PROBLEM DESCRIPTION — Pictures are not part of the copy; reproduce the remaining data exactly.

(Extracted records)
* * * * * * *

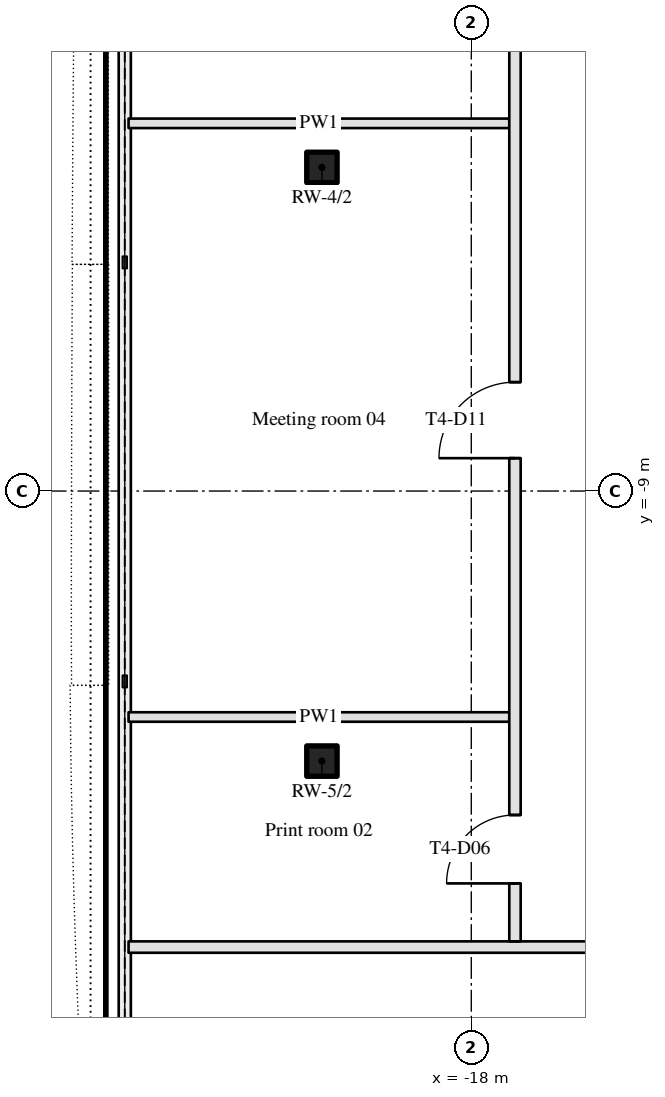
"""IFC4 building model, lengths in metres.
Left out: names, types, materials, properties, quantities, classifications, styles, units other than length and angle.
Written with IfcOpenShell. Run it as: python <this file> out.ifc"""

import sys

from ifc_helpers import new_model, si_unit, direction, frame, frame_2d, origin, origin_2d, place, context, subcontext, project, spatial, rectangle, hollow_rectangle, extrude, element, fill, save


model = new_model("IFC4")
c1 = context("Model", 3, precision=1e-05, world=origin(), true_north=direction((0.0, 1.0)))
c2 = subcontext(c1, "Body", "Model", "MODEL_VIEW")
j1 = project(units=[si_unit("LENGTHUNIT", "METRE"), si_unit("PLANEANGLEUNIT", "RADIAN")], contexts=[c1])
p1 = place(None, origin())
s1 = spatial("IfcSite", under=j1, at=p1, CompositionType="ELEMENT")
p2 = place(p1, origin())
s2 = spatial("IfcBuilding", under=s1, at=p2, CompositionType="ELEMENT")
p3 = place(p2, frame((0.0, 0.0, 62.1)))
s3 = spatial("IfcBuildingStorey", under=s2, at=p3, CompositionType="ELEMENT", Elevation=62.1)
for number, where, z_axis, x_axis in (
    (1, (-19.965, -4.742, 0.0), (0.0, 0.0, 1.0), (1.0, 0.0, 0.0)),
    (2, (-19.965, -12.553, 0.0), (0.0, 0.0, 1.0), (1.0, 0.0, 0.0)),
):
    element("IfcColumn", number, at=place(p3, frame(where, z_axis=z_axis, x_axis=x_axis)), inside=s3, PredefinedType="COLUMN", context=c2, shape_type="SweptSolid", body=[
        extrude(hollow_rectangle(XDim=0.4, YDim=0.4, WallThickness=0.025, InnerFilletRadius=0.038, OuterFilletRadius=0.062, at=origin_2d()), origin(), (0.0, 0.0, 1.0), 3.9),
    ])
p4 = place(p3, frame((-22.509, -15.0, 0.0), z_axis=(0.0, 0.0, 1.0), x_axis=(1.0, 0.0, 0.0)))
e3 = element("IfcWall", 3, at=p4, inside=s3, PredefinedType="PARTITIONING", context=c2, shape_type="SweptSolid", body=[
    extrude(rectangle(XDim=51.018, YDim=0.15, at=frame_2d((25.509, 0.0))), origin(), (0.0, 0.0, 1.0), 2.96),
])
p5 = place(p4, frame((12.896, 0.0, 0.0)))
e4 = element("IfcOpeningElement", 4, at=p5, cuts=e3, PredefinedType="OPENING", context=c2, shape_type="SweptSolid", body=[
    extrude(rectangle(XDim=1.8, YDim=2.1, at=frame_2d((0.9, 1.05))), frame((0.0, 0.085, 0.0), z_axis=(0.0, -1.0, 0.0), x_axis=(1.0, 0.0, 0.0)), (0.0, 0.0, 1.0), 0.17),
])
p6 = place(p4, frame((30.322, 0.0, 0.0)))
e5 = element("IfcOpeningElement", 5, at=p6, cuts=e3, PredefinedType="OPENING", context=c2, shape_type="SweptSolid", body=[
    extrude(rectangle(XDim=1.8, YDim=2.1, at=frame_2d((0.9, 1.05))), frame((0.0, 0.085, 0.0), z_axis=(0.0, -1.0, 0.0), x_axis=(1.0, 0.0, 0.0)), (0.0, 0.0, 1.0), 0.17),
])
for number, where, z_axis, x_axis in (
    (6, (-22.509, -11.973, 0.0), (0.0, 0.0, 1.0), (1.0, 0.0, 0.0)),
    (7, (-22.509, -4.162, 0.0), (0.0, 0.0, 1.0), (1.0, 0.0, 0.0)),
):
    element("IfcWall", number, at=place(p3, frame(where, z_axis=z_axis, x_axis=x_axis)), inside=s3, PredefinedType="PARTITIONING", context=c2, shape_type="SweptSolid", body=[
        extrude(rectangle(XDim=5.009, YDim=0.125, at=frame_2d((2.504, 0.0))), origin(), (0.0, 0.0, 1.0), 2.96),
    ])
p7 = place(p3, frame((-17.425, -14.925, 0.0), z_axis=(0.0, 0.0, 1.0), x_axis=(0.0, 1.0, 0.0)))
e8 = element("IfcWall", 8, at=p7, inside=s3, PredefinedType="PARTITIONING", context=c2, shape_type="SweptSolid", body=[
    extrude(rectangle(XDim=26.405, YDim=0.15, at=frame_2d((13.203, 0.0))), origin(), (0.0, 0.0, 1.0), 2.96),
])
p8 = place(p7, frame((0.762, 0.0, 0.0)))
e9 = element("IfcOpeningElement", 9, at=p8, cuts=e8, PredefinedType="OPENING", context=c2, shape_type="SweptSolid", body=[
    extrude(rectangle(XDim=0.9, YDim=2.1, at=frame_2d((0.45, 1.05))), frame((0.0, 0.085, 0.0), z_axis=(0.0, -1.0, 0.0), x_axis=(1.0, 0.0, 0.0)), (0.0, 0.0, 1.0), 0.17),
])
p9 = place(p7, frame((6.357, 0.0, 0.0)))
e10 = element("IfcOpeningElement", 10, at=p9, cuts=e8, PredefinedType="OPENING", context=c2, shape_type="SweptSolid", body=[
    extrude(rectangle(XDim=1.0, YDim=2.1, at=frame_2d((0.5, 1.05))), frame((0.0, 0.085, 0.0), z_axis=(0.0, -1.0, 0.0), x_axis=(1.0, 0.0, 0.0)), (0.0, 0.0, 1.0), 0.17),
])
p10 = place(p7, frame((14.168, 0.0, 0.0)))
e11 = element("IfcOpeningElement", 11, at=p10, cuts=e8, PredefinedType="OPENING", context=c2, shape_type="SweptSolid", body=[
    extrude(rectangle(XDim=1.0, YDim=2.1, at=frame_2d((0.5, 1.05))), frame((0.0, 0.085, 0.0), z_axis=(0.0, -1.0, 0.0), x_axis=(1.0, 0.0, 0.0)), (0.0, 0.0, 1.0), 0.17),
])
p11 = place(p7, frame((21.052, 0.0, 0.0)))
e12 = element("IfcOpeningElement", 12, at=p11, cuts=e8, PredefinedType="OPENING", context=c2, shape_type="SweptSolid", body=[
    extrude(rectangle(XDim=1.0, YDim=2.1, at=frame_2d((0.5, 1.05))), frame((0.0, 0.085, 0.0), z_axis=(0.0, -1.0, 0.0), x_axis=(1.0, 0.0, 0.0)), (0.0, 0.0, 1.0), 0.17),
])
p12 = place(p8, origin())
e13 = element("IfcDoor", 13, at=p12, inside=s3, OperationType="SINGLE_SWING_LEFT", PredefinedType="DOOR", context=c2, shape_type="SweptSolid", body=[
    extrude(rectangle(XDim=0.9, YDim=2.1, at=frame_2d((0.45, 1.05))), frame((0.0, 0.025, 0.0), z_axis=(0.0, -1.0, 0.0), x_axis=(1.0, 0.0, 0.0)), (0.0, 0.0, 1.0), 0.05),
])
fill(e9, e13)
p13 = place(p9, origin())
e14 = element("IfcDoor", 14, at=p13, inside=s3, OperationType="SINGLE_SWING_LEFT", PredefinedType="DOOR", context=c2, shape_type="SweptSolid", body=[
    extrude(rectangle(XDim=1.0, YDim=2.1, at=frame_2d((0.5, 1.05))), frame((0.0, 0.025, 0.0), z_axis=(0.0, -1.0, 0.0), x_axis=(1.0, 0.0, 0.0)), (0.0, 0.0, 1.0), 0.05),
])
fill(e10, e14)
save(model, sys.argv[1])

* * * * * * *

EXERCISE SOLUTION —
"""IFC4 building model, lengths in metres.
Left out: names, types, materials, properties, quantities, classifications, styles, units other than length and angle.
Written with IfcOpenShell. Run it as: python <this file> out.ifc"""

import sys

from ifc_helpers import new_model, si_unit, direction, frame, frame_2d, origin, origin_2d, place, context, subcontext, project, spatial, rectangle, hollow_rectangle, extrude, element, fill, save


model = new_model("IFC4")
c1 = context("Model", 3, precision=1e-05, world=origin(), true_north=direction((0.0, 1.0)))
c2 = subcontext(c1, "Body", "Model", "MODEL_VIEW")
j1 = project(units=[si_unit("LENGTHUNIT", "METRE"), si_unit("PLANEANGLEUNIT", "RADIAN")], contexts=[c1])
p1 = place(None, origin())
s1 = spatial("IfcSite", under=j1, at=p1, CompositionType="ELEMENT")
p2 = place(p1, origin())
s2 = spatial("IfcBuilding", under=s1, at=p2, CompositionType="ELEMENT")
p3 = place(p2, frame((0.0, 0.0, 62.1)))
s3 = spatial("IfcBuildingStorey", under=s2, at=p3, CompositionType="ELEMENT", Elevation=62.1)
for number, where, z_axis, x_axis in (
    (1, (-19.965, -4.742, 0.0), (0.0, 0.0, 1.0), (1.0, 0.0, 0.0)),
    (2, (-19.965, -12.553, 0.0), (0.0, 0.0, 1.0), (1.0, 0.0, 0.0)),
):
    element("IfcColumn", number, at=place(p3, frame(where, z_axis=z_axis, x_axis=x_axis)), inside=s3, PredefinedType="COLUMN", context=c2, shape_type="SweptSolid", body=[
        extrude(hollow_rectangle(XDim=0.4, YDim=0.4, WallThickness=0.025, InnerFilletRadius=0.038, OuterFilletRadius=0.062, at=origin_2d()), origin(), (0.0, 0.0, 1.0), 3.9),
    ])
p4 = place(p3, frame((-22.509, -15.0, 0.0), z_axis=(0.0, 0.0, 1.0), x_axis=(1.0, 0.0, 0.0)))
e3 = element("IfcWall", 3, at=p4, inside=s3, PredefinedType="PARTITIONING", context=c2, shape_type="SweptSolid", body=[
    extrude(rectangle(XDim=51.018, YDim=0.15, at=frame_2d((25.509, 0.0))), origin(), (0.0, 0.0, 1.0), 2.96),
])
p5 = place(p4, frame((12.896, 0.0, 0.0)))
e4 = element("IfcOpeningElement", 4, at=p5, cuts=e3, PredefinedType="OPENING", context=c2, shape_type="SweptSolid", body=[
    extrude(rectangle(XDim=1.8, YDim=2.1, at=frame_2d((0.9, 1.05))), frame((0.0, 0.085, 0.0), z_axis=(0.0, -1.0, 0.0), x_axis=(1.0, 0.0, 0.0)), (0.0, 0.0, 1.0), 0.17),
])
p6 = place(p4, frame((30.322, 0.0, 0.0)))
e5 = element("IfcOpeningElement", 5, at=p6, cuts=e3, PredefinedType="OPENING", context=c2, shape_type="SweptSolid", body=[
    extrude(rectangle(XDim=1.8, YDim=2.1, at=frame_2d((0.9, 1.05))), frame((0.0, 0.085, 0.0), z_axis=(0.0, -1.0, 0.0), x_axis=(1.0, 0.0, 0.0)), (0.0, 0.0, 1.0), 0.17),
])
for number, where, z_axis, x_axis in (
    (6, (-22.509, -11.973, 0.0), (0.0, 0.0, 1.0), (1.0, 0.0, 0.0)),
    (7, (-22.509, -4.162, 0.0), (0.0, 0.0, 1.0), (1.0, 0.0, 0.0)),
):
    element("IfcWall", number, at=place(p3, frame(where, z_axis=z_axis, x_axis=x_axis)), inside=s3, PredefinedType="PARTITIONING", context=c2, shape_type="SweptSolid", body=[
        extrude(rectangle(XDim=5.009, YDim=0.125, at=frame_2d((2.504, 0.0))), origin(), (0.0, 0.0, 1.0), 2.96),
    ])
p7 = place(p3, frame((-17.425, -14.925, 0.0), z_axis=(0.0, 0.0, 1.0), x_axis=(0.0, 1.0, 0.0)))
e8 = element("IfcWall", 8, at=p7, inside=s3, PredefinedType="PARTITIONING", context=c2, shape_type="SweptSolid", body=[
    extrude(rectangle(XDim=26.405, YDim=0.15, at=frame_2d((13.203, 0.0))), origin(), (0.0, 0.0, 1.0), 2.96),
])
p8 = place(p7, frame((0.762, 0.0, 0.0)))
e9 = element("IfcOpeningElement", 9, at=p8, cuts=e8, PredefinedType="OPENING", context=c2, shape_type="SweptSolid", body=[
    extrude(rectangle(XDim=0.9, YDim=2.1, at=frame_2d((0.45, 1.05))), frame((0.0, 0.085, 0.0), z_axis=(0.0, -1.0, 0.0), x_axis=(1.0, 0.0, 0.0)), (0.0, 0.0, 1.0), 0.17),
])
p9 = place(p7, frame((6.357, 0.0, 0.0)))
e10 = element("IfcOpeningElement", 10, at=p9, cuts=e8, PredefinedType="OPENING", context=c2, shape_type="SweptSolid", body=[
    extrude(rectangle(XDim=1.0, YDim=2.1, at=frame_2d((0.5, 1.05))), frame((0.0, 0.085, 0.0), z_axis=(0.0, -1.0, 0.0), x_axis=(1.0, 0.0, 0.0)), (0.0, 0.0, 1.0), 0.17),
])
p10 = place(p7, frame((14.168, 0.0, 0.0)))
e11 = element("IfcOpeningElement", 11, at=p10, cuts=e8, PredefinedType="OPENING", context=c2, shape_type="SweptSolid", body=[
    extrude(rectangle(XDim=1.0, YDim=2.1, at=frame_2d((0.5, 1.05))), frame((0.0, 0.085, 0.0), z_axis=(0.0, -1.0, 0.0), x_axis=(1.0, 0.0, 0.0)), (0.0, 0.0, 1.0), 0.17),
])
p11 = place(p7, frame((21.052, 0.0, 0.0)))
e12 = element("IfcOpeningElement", 12, at=p11, cuts=e8, PredefinedType="OPENING", context=c2, shape_type="SweptSolid", body=[
    extrude(rectangle(XDim=1.0, YDim=2.1, at=frame_2d((0.5, 1.05))), frame((0.0, 0.085, 0.0), z_axis=(0.0, -1.0, 0.0), x_axis=(1.0, 0.0, 0.0)), (0.0, 0.0, 1.0), 0.17),
])
p12 = place(p8, origin())
e13 = element("IfcDoor", 13, at=p12, inside=s3, OperationType="SINGLE_SWING_LEFT", PredefinedType="DOOR", context=c2, shape_type="SweptSolid", body=[
    extrude(rectangle(XDim=0.9, YDim=2.1, at=frame_2d((0.45, 1.05))), frame((0.0, 0.025, 0.0), z_axis=(0.0, -1.0, 0.0), x_axis=(1.0, 0.0, 0.0)), (0.0, 0.0, 1.0), 0.05),
])
fill(e9, e13)
p13 = place(p9, origin())
e14 = element("IfcDoor", 14, at=p13, inside=s3, OperationType="SINGLE_SWING_LEFT", PredefinedType="DOOR", context=c2, shape_type="SweptSolid", body=[
    extrude(rectangle(XDim=1.0, YDim=2.1, at=frame_2d((0.5, 1.05))), frame((0.0, 0.025, 0.0), z_axis=(0.0, -1.0, 0.0), x_axis=(1.0, 0.0, 0.0)), (0.0, 0.0, 1.0), 0.05),
])
fill(e10, e14)
save(model, sys.argv[1])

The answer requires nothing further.